Filter the lines below, copying only those with the string "Mode".

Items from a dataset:
*** Block opens ***

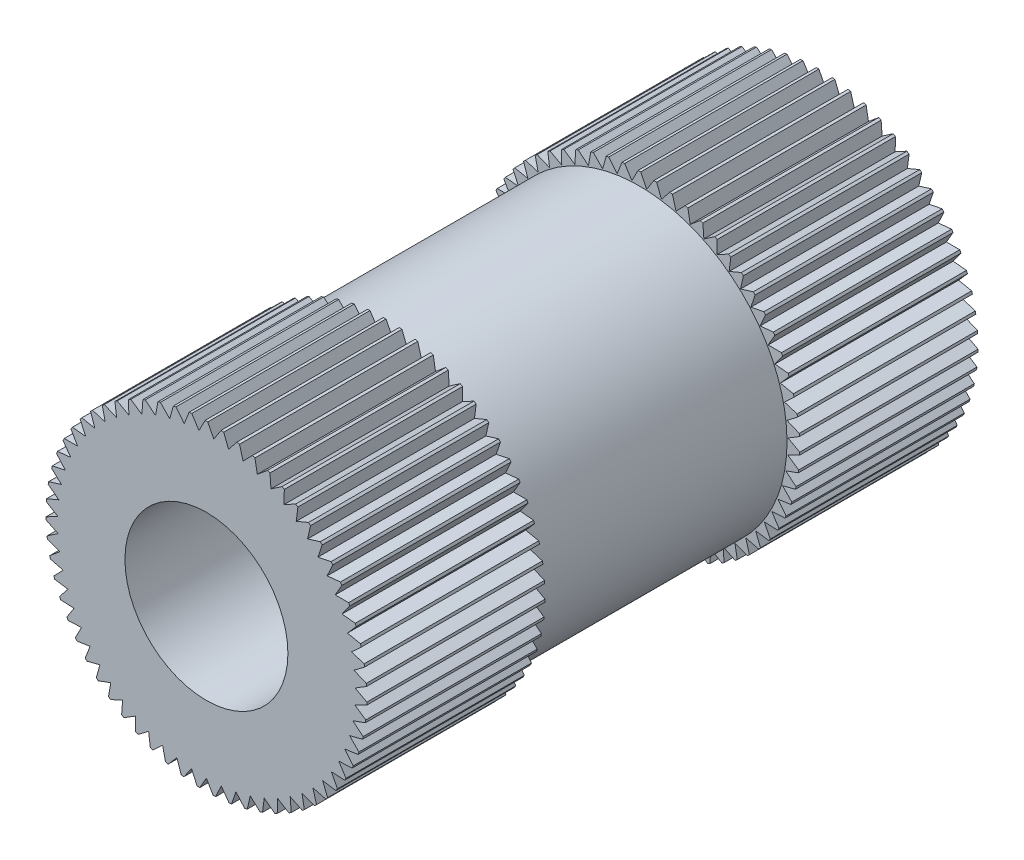
from build123d import *

# Parameters (mm, degrees)
SKETCH_1_R               = 3.15
SKETCH_1_R_2             = 1.6
EXTRUDE_1_DEPTH          = 6
CUT_EXTRUDE_1_DEPTH      = 12
PATTERN_CIRCULAR_1_COUNT = 63
SKETCH_3_R               = 3.663083808
SKETCH_3_R_2             = 2.9
CUT_EXTRUDE_2_DEPTH      = 2.5


with BuildPart() as part:
    # 草图1 → 凸台-拉伸1 (new, symmetric)
    with BuildSketch(Plane.XY):
        Circle(SKETCH_1_R)
        Circle(SKETCH_1_R_2, mode=Mode.SUBTRACT)
    extrude(amount=EXTRUDE_1_DEPTH, both=True)

    # 草图2 → 切除-拉伸1 (cut)
    with BuildSketch(Plane.XY.offset(6)):
        Polygon((0, -2.920487935), (-0.348301486, -3.523763805), (0.348301486, -3.523763805), align=None)
    cut_extrude_1 = extrude(amount=-CUT_EXTRUDE_1_DEPTH, mode=Mode.SUBTRACT)

    # 阵列(圆周)1: 切除-拉伸1 ×63 about axis
    pattern_circular_1_axis = Axis((0, 0, 0), (0, 0, 1))
    for i in range(1, PATTERN_CIRCULAR_1_COUNT):
        add(cut_extrude_1.rotate(pattern_circular_1_axis, i * 360 / PATTERN_CIRCULAR_1_COUNT), mode=Mode.SUBTRACT)

    # 草图3 → 切除-拉伸2 (cut, symmetric)
    with BuildSketch(Plane.XY):
        Circle(SKETCH_3_R)
        Circle(SKETCH_3_R_2, mode=Mode.SUBTRACT)
    extrude(amount=CUT_EXTRUDE_2_DEPTH, both=True, mode=Mode.SUBTRACT)


solid = part.part

*** Block closes ***

ANSWER TO THIS TASK:
        Circle(SKETCH_1_R_2, mode=Mode.SUBTRACT)
    cut_extrude_1 = extrude(amount=-CUT_EXTRUDE_1_DEPTH, mode=Mode.SUBTRACT)
        add(cut_extrude_1.rotate(pattern_circular_1_axis, i * 360 / PATTERN_CIRCULAR_1_COUNT), mode=Mode.SUBTRACT)
        Circle(SKETCH_3_R_2, mode=Mode.SUBTRACT)
    extrude(amount=CUT_EXTRUDE_2_DEPTH, both=True, mode=Mode.SUBTRACT)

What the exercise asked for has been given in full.